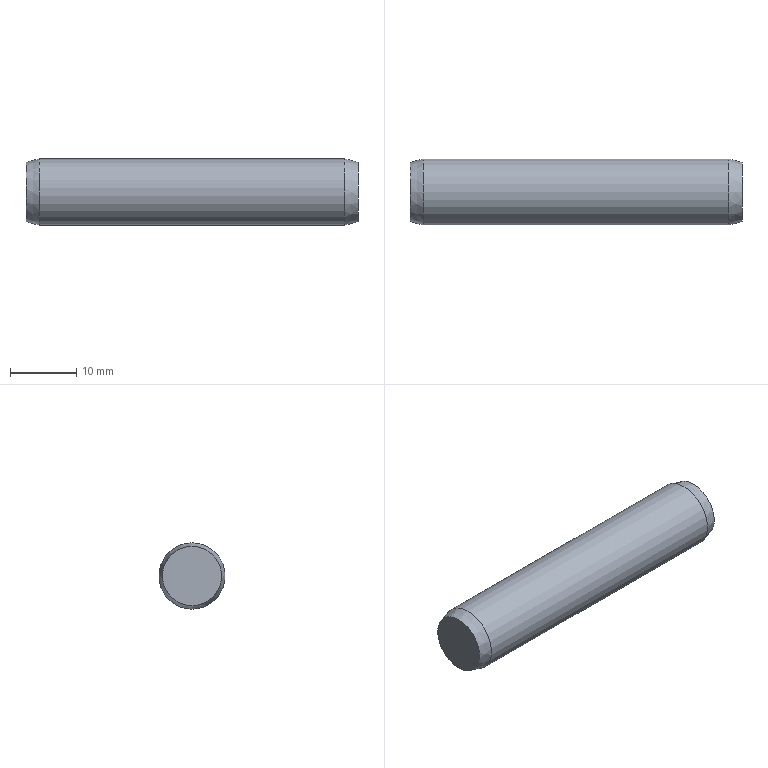Component | NX | GB-T119_1-2000_10X50 | 1 solid | 5 faces | box 50 x 10 x 10 mm | volume 3895 mm3 | plane 2 | cone 2 | cylinder 1 | commonest cylinder face diameters 10 x1
STEP:
#1=CARTESIAN_POINT('',(0.,0.,0.));
#2=DIRECTION('',(0.,0.,1.));
#3=DIRECTION('',(1.,0.,0.));
#4=AXIS2_PLACEMENT_3D('',#1,#2,#3);
#5=CARTESIAN_POINT('',(30.,-40.,-165.536));
#6=VERTEX_POINT('',#5);
#7=CARTESIAN_POINT('',(30.,-40.,-170.));
#8=DIRECTION('',(-1.,0.,0.));
#9=DIRECTION('',(0.,0.,1.));
#10=AXIS2_PLACEMENT_3D('',#7,#8,#9);
#11=CIRCLE('',#10,4.464);
#12=CARTESIAN_POINT('',(30.,-40.,-170.));
#13=DIRECTION('',(-1.,0.,0.));
#14=DIRECTION('',(0.,0.,1.));
#15=AXIS2_PLACEMENT_3D('',#12,#13,#14);
#16=PLANE('',#15);
#17=CARTESIAN_POINT('',(0.,0.));
#18=DIRECTION('',(1.,0.));
#19=AXIS2_PLACEMENT_2D('',#17,#18);
#20=CIRCLE('',#19,4.464);
#21=(GEOMETRIC_REPRESENTATION_CONTEXT(2)PARAMETRIC_REPRESENTATION_CONTEXT()REPRESENTATION_CONTEXT('',''));
#22=DEFINITIONAL_REPRESENTATION('',(#20),#21);
#23=PCURVE('',#16,#22);
#24=CARTESIAN_POINT('',(30.,-40.,-170.));
#25=DIRECTION('',(1.,0.,0.));
#26=DIRECTION('',(0.,0.,-1.));
#27=AXIS2_PLACEMENT_3D('',#24,#25,#26);
#28=CONICAL_SURFACE('',#27,4.464,0.2618);
#29=CARTESIAN_POINT('',(9.425,0.));
#30=DIRECTION('',(-1.,0.));
#31=VECTOR('',#30,1.);
#32=LINE('',#29,#31);
#33=(GEOMETRIC_REPRESENTATION_CONTEXT(2)PARAMETRIC_REPRESENTATION_CONTEXT()REPRESENTATION_CONTEXT('',''));
#34=DEFINITIONAL_REPRESENTATION('',(#32),#33);
#35=PCURVE('',#28,#34);
#36=SURFACE_CURVE('',#11,(#23,#35),.PCURVE_S1.);
#37=EDGE_CURVE('',#6,#6,#36,.T.);
#38=ORIENTED_EDGE('',*,*,#37,.T.);
#39=EDGE_LOOP('',(#38));
#40=FACE_BOUND('',#39,.T.);
#41=ADVANCED_FACE('',(#40),#16,.T.);
#42=CARTESIAN_POINT('',(32.,-40.,-165.));
#43=VERTEX_POINT('',#42);
#44=CARTESIAN_POINT('',(32.,-40.,-170.));
#45=DIRECTION('',(-1.,0.,0.));
#46=DIRECTION('',(0.,0.,1.));
#47=AXIS2_PLACEMENT_3D('',#44,#45,#46);
#48=CIRCLE('',#47,5.);
#49=CARTESIAN_POINT('',(9.425,2.));
#50=DIRECTION('',(-1.,0.));
#51=VECTOR('',#50,1.);
#52=LINE('',#49,#51);
#53=(GEOMETRIC_REPRESENTATION_CONTEXT(2)PARAMETRIC_REPRESENTATION_CONTEXT()REPRESENTATION_CONTEXT('',''));
#54=DEFINITIONAL_REPRESENTATION('',(#52),#53);
#55=PCURVE('',#28,#54);
#56=CARTESIAN_POINT('',(80.,-40.,-170.));
#57=DIRECTION('',(-1.,0.,0.));
#58=DIRECTION('',(0.,0.,1.));
#59=AXIS2_PLACEMENT_3D('',#56,#57,#58);
#60=CYLINDRICAL_SURFACE('',#59,5.);
#61=CARTESIAN_POINT('',(0.,48.));
#62=DIRECTION('',(1.,0.));
#63=VECTOR('',#62,1.);
#64=LINE('',#61,#63);
#65=(GEOMETRIC_REPRESENTATION_CONTEXT(2)PARAMETRIC_REPRESENTATION_CONTEXT()REPRESENTATION_CONTEXT('',''));
#66=DEFINITIONAL_REPRESENTATION('',(#64),#65);
#67=PCURVE('',#60,#66);
#68=SURFACE_CURVE('',#48,(#55,#67),.PCURVE_S1.);
#69=EDGE_CURVE('',#43,#43,#68,.T.);
#70=ORIENTED_EDGE('',*,*,#69,.T.);
#71=CARTESIAN_POINT('',(30.,-40.,-165.536));
#72=CARTESIAN_POINT('',(32.,-40.,-165.));
#73=B_SPLINE_CURVE_WITH_KNOTS('',1,(#71,#72),.UNSPECIFIED.,.F.,.F.,(2,2),(0.,2.071),.PIECEWISE_BEZIER_KNOTS.);
#74=CARTESIAN_POINT('',(3.142,0.));
#75=DIRECTION('',(0.,1.));
#76=VECTOR('',#75,1.);
#77=LINE('',#74,#76);
#78=(GEOMETRIC_REPRESENTATION_CONTEXT(2)PARAMETRIC_REPRESENTATION_CONTEXT()REPRESENTATION_CONTEXT('',''));
#79=DEFINITIONAL_REPRESENTATION('',(#77),#78);
#80=PCURVE('',#28,#79);
#81=CARTESIAN_POINT('',(9.425,0.));
#82=DIRECTION('',(0.,1.));
#83=VECTOR('',#82,1.);
#84=LINE('',#81,#83);
#85=(GEOMETRIC_REPRESENTATION_CONTEXT(2)PARAMETRIC_REPRESENTATION_CONTEXT()REPRESENTATION_CONTEXT('',''));
#86=DEFINITIONAL_REPRESENTATION('',(#84),#85);
#87=PCURVE('',#28,#86);
#88=SEAM_CURVE('',#73,(#80,#87),.PCURVE_S1.);
#89=EDGE_CURVE('',#6,#43,#88,.T.);
#90=ORIENTED_EDGE('',*,*,#89,.F.);
#91=ORIENTED_EDGE('',*,*,#37,.F.);
#92=ORIENTED_EDGE('',*,*,#89,.T.);
#93=EDGE_LOOP('',(#70,#90,#91,#92));
#94=FACE_BOUND('',#93,.T.);
#95=ADVANCED_FACE('',(#94),#28,.T.);
#96=CARTESIAN_POINT('',(78.,-40.,-165.));
#97=VERTEX_POINT('',#96);
#98=CARTESIAN_POINT('',(78.,-40.,-170.));
#99=DIRECTION('',(-1.,0.,0.));
#100=DIRECTION('',(0.,0.,1.));
#101=AXIS2_PLACEMENT_3D('',#98,#99,#100);
#102=CIRCLE('',#101,5.);
#103=CARTESIAN_POINT('',(0.,2.));
#104=DIRECTION('',(1.,0.));
#105=VECTOR('',#104,1.);
#106=LINE('',#103,#105);
#107=(GEOMETRIC_REPRESENTATION_CONTEXT(2)PARAMETRIC_REPRESENTATION_CONTEXT()REPRESENTATION_CONTEXT('',''));
#108=DEFINITIONAL_REPRESENTATION('',(#106),#107);
#109=PCURVE('',#60,#108);
#110=CARTESIAN_POINT('',(78.,-40.,-170.));
#111=DIRECTION('',(-1.,0.,0.));
#112=DIRECTION('',(0.,0.,1.));
#113=AXIS2_PLACEMENT_3D('',#110,#111,#112);
#114=CONICAL_SURFACE('',#113,5.,0.2618);
#115=CARTESIAN_POINT('',(0.,0.));
#116=DIRECTION('',(1.,0.));
#117=VECTOR('',#116,1.);
#118=LINE('',#115,#117);
#119=(GEOMETRIC_REPRESENTATION_CONTEXT(2)PARAMETRIC_REPRESENTATION_CONTEXT()REPRESENTATION_CONTEXT('',''));
#120=DEFINITIONAL_REPRESENTATION('',(#118),#119);
#121=PCURVE('',#114,#120);
#122=SURFACE_CURVE('',#102,(#109,#121),.PCURVE_S1.);
#123=EDGE_CURVE('',#97,#97,#122,.T.);
#124=ORIENTED_EDGE('',*,*,#123,.T.);
#125=CARTESIAN_POINT('',(78.,-40.,-165.));
#126=CARTESIAN_POINT('',(32.,-40.,-165.));
#127=B_SPLINE_CURVE_WITH_KNOTS('',1,(#125,#126),.UNSPECIFIED.,.F.,.F.,(2,2),(2.,48.),.PIECEWISE_BEZIER_KNOTS.);
#128=CARTESIAN_POINT('',(6.283,0.));
#129=DIRECTION('',(0.,1.));
#130=VECTOR('',#129,1.);
#131=LINE('',#128,#130);
#132=(GEOMETRIC_REPRESENTATION_CONTEXT(2)PARAMETRIC_REPRESENTATION_CONTEXT()REPRESENTATION_CONTEXT('',''));
#133=DEFINITIONAL_REPRESENTATION('',(#131),#132);
#134=PCURVE('',#60,#133);
#135=CARTESIAN_POINT('',(0.,0.));
#136=DIRECTION('',(0.,1.));
#137=VECTOR('',#136,1.);
#138=LINE('',#135,#137);
#139=(GEOMETRIC_REPRESENTATION_CONTEXT(2)PARAMETRIC_REPRESENTATION_CONTEXT()REPRESENTATION_CONTEXT('',''));
#140=DEFINITIONAL_REPRESENTATION('',(#138),#139);
#141=PCURVE('',#60,#140);
#142=SEAM_CURVE('',#127,(#134,#141),.PCURVE_S1.);
#143=EDGE_CURVE('',#97,#43,#142,.T.);
#144=ORIENTED_EDGE('',*,*,#143,.T.);
#145=ORIENTED_EDGE('',*,*,#69,.F.);
#146=ORIENTED_EDGE('',*,*,#143,.F.);
#147=EDGE_LOOP('',(#124,#144,#145,#146));
#148=FACE_BOUND('',#147,.T.);
#149=ADVANCED_FACE('',(#148),#60,.T.);
#150=CARTESIAN_POINT('',(80.,-40.,-165.536));
#151=VERTEX_POINT('',#150);
#152=CARTESIAN_POINT('',(80.,-40.,-170.));
#153=DIRECTION('',(-1.,0.,0.));
#154=DIRECTION('',(0.,0.,1.));
#155=AXIS2_PLACEMENT_3D('',#152,#153,#154);
#156=CIRCLE('',#155,4.464);
#157=CARTESIAN_POINT('',(0.,-2.));
#158=DIRECTION('',(1.,0.));
#159=VECTOR('',#158,1.);
#160=LINE('',#157,#159);
#161=(GEOMETRIC_REPRESENTATION_CONTEXT(2)PARAMETRIC_REPRESENTATION_CONTEXT()REPRESENTATION_CONTEXT('',''));
#162=DEFINITIONAL_REPRESENTATION('',(#160),#161);
#163=PCURVE('',#114,#162);
#164=CARTESIAN_POINT('',(80.,-40.,-174.464));
#165=DIRECTION('',(1.,0.,0.));
#166=DIRECTION('',(0.,0.,-1.));
#167=AXIS2_PLACEMENT_3D('',#164,#165,#166);
#168=PLANE('',#167);
#169=CARTESIAN_POINT('',(-8.928,0.));
#170=CARTESIAN_POINT('',(-8.928,7.732));
#171=CARTESIAN_POINT('',(-2.232,3.866));
#172=CARTESIAN_POINT('',(4.464,0.));
#173=CARTESIAN_POINT('',(-2.232,-3.866));
#174=CARTESIAN_POINT('',(-8.928,-7.732));
#175=CARTESIAN_POINT('',(-8.928,0.));
#176=(BOUNDED_CURVE()B_SPLINE_CURVE(2,(#169,#170,#171,#172,#173,#174,#175),.UNSPECIFIED.,.T.,.F.)B_SPLINE_CURVE_WITH_KNOTS((1,2,2,2,2,1),(-2.094,0.,2.094,4.189,6.283,8.378),.UNSPECIFIED.)CURVE()GEOMETRIC_REPRESENTATION_ITEM()RATIONAL_B_SPLINE_CURVE((1.,0.5,1.,0.5,1.,0.5,1.))REPRESENTATION_ITEM(''));
#177=(GEOMETRIC_REPRESENTATION_CONTEXT(2)PARAMETRIC_REPRESENTATION_CONTEXT()REPRESENTATION_CONTEXT('',''));
#178=DEFINITIONAL_REPRESENTATION('',(#176),#177);
#179=PCURVE('',#168,#178);
#180=SURFACE_CURVE('',#156,(#163,#179),.PCURVE_S1.);
#181=EDGE_CURVE('',#151,#151,#180,.T.);
#182=ORIENTED_EDGE('',*,*,#181,.T.);
#183=CARTESIAN_POINT('',(80.,-40.,-165.536));
#184=CARTESIAN_POINT('',(78.,-40.,-165.));
#185=B_SPLINE_CURVE_WITH_KNOTS('',1,(#183,#184),.UNSPECIFIED.,.F.,.F.,(2,2),(-2.071,0.),.PIECEWISE_BEZIER_KNOTS.);
#186=CARTESIAN_POINT('',(6.283,0.));
#187=DIRECTION('',(0.,1.));
#188=VECTOR('',#187,1.);
#189=LINE('',#186,#188);
#190=(GEOMETRIC_REPRESENTATION_CONTEXT(2)PARAMETRIC_REPRESENTATION_CONTEXT()REPRESENTATION_CONTEXT('',''));
#191=DEFINITIONAL_REPRESENTATION('',(#189),#190);
#192=PCURVE('',#114,#191);
#193=CARTESIAN_POINT('',(0.,0.));
#194=DIRECTION('',(0.,1.));
#195=VECTOR('',#194,1.);
#196=LINE('',#193,#195);
#197=(GEOMETRIC_REPRESENTATION_CONTEXT(2)PARAMETRIC_REPRESENTATION_CONTEXT()REPRESENTATION_CONTEXT('',''));
#198=DEFINITIONAL_REPRESENTATION('',(#196),#197);
#199=PCURVE('',#114,#198);
#200=SEAM_CURVE('',#185,(#192,#199),.PCURVE_S1.);
#201=EDGE_CURVE('',#151,#97,#200,.T.);
#202=ORIENTED_EDGE('',*,*,#201,.T.);
#203=ORIENTED_EDGE('',*,*,#123,.F.);
#204=ORIENTED_EDGE('',*,*,#201,.F.);
#205=EDGE_LOOP('',(#182,#202,#203,#204));
#206=FACE_BOUND('',#205,.T.);
#207=ADVANCED_FACE('',(#206),#114,.T.);
#208=ORIENTED_EDGE('',*,*,#181,.F.);
#209=EDGE_LOOP('',(#208));
#210=FACE_BOUND('',#209,.T.);
#211=ADVANCED_FACE('',(#210),#168,.T.);
#212=CLOSED_SHELL('',(#41,#95,#149,#207,#211));
#213=MANIFOLD_SOLID_BREP('',#212);
#214=(LENGTH_UNIT()NAMED_UNIT(*)SI_UNIT(.MILLI.,.METRE.));
#215=UNCERTAINTY_MEASURE_WITH_UNIT(LENGTH_MEASURE(0.00001),#214,'','');
#216=(NAMED_UNIT(*)PLANE_ANGLE_UNIT()SI_UNIT($,.RADIAN.));
#217=(NAMED_UNIT(*)SI_UNIT($,.STERADIAN.)SOLID_ANGLE_UNIT());
#218=(GEOMETRIC_REPRESENTATION_CONTEXT(3)GLOBAL_UNCERTAINTY_ASSIGNED_CONTEXT((#215))GLOBAL_UNIT_ASSIGNED_CONTEXT((#214,#216,#217))REPRESENTATION_CONTEXT('',''));
#219=ADVANCED_BREP_SHAPE_REPRESENTATION('',(#4,#213),#218);

**Assignment:**
Look above for the line containing "#148=FACE_BOUND('',#147,.T.);" and the line containing "#160=LINE('',#157,#159);". Transcribe both, with the lines between them, exactly.

**Response below:**
#148=FACE_BOUND('',#147,.T.);
#149=ADVANCED_FACE('',(#148),#60,.T.);
#150=CARTESIAN_POINT('',(80.,-40.,-165.536));
#151=VERTEX_POINT('',#150);
#152=CARTESIAN_POINT('',(80.,-40.,-170.));
#153=DIRECTION('',(-1.,0.,0.));
#154=DIRECTION('',(0.,0.,1.));
#155=AXIS2_PLACEMENT_3D('',#152,#153,#154);
#156=CIRCLE('',#155,4.464);
#157=CARTESIAN_POINT('',(0.,-2.));
#158=DIRECTION('',(1.,0.));
#159=VECTOR('',#158,1.);
#160=LINE('',#157,#159);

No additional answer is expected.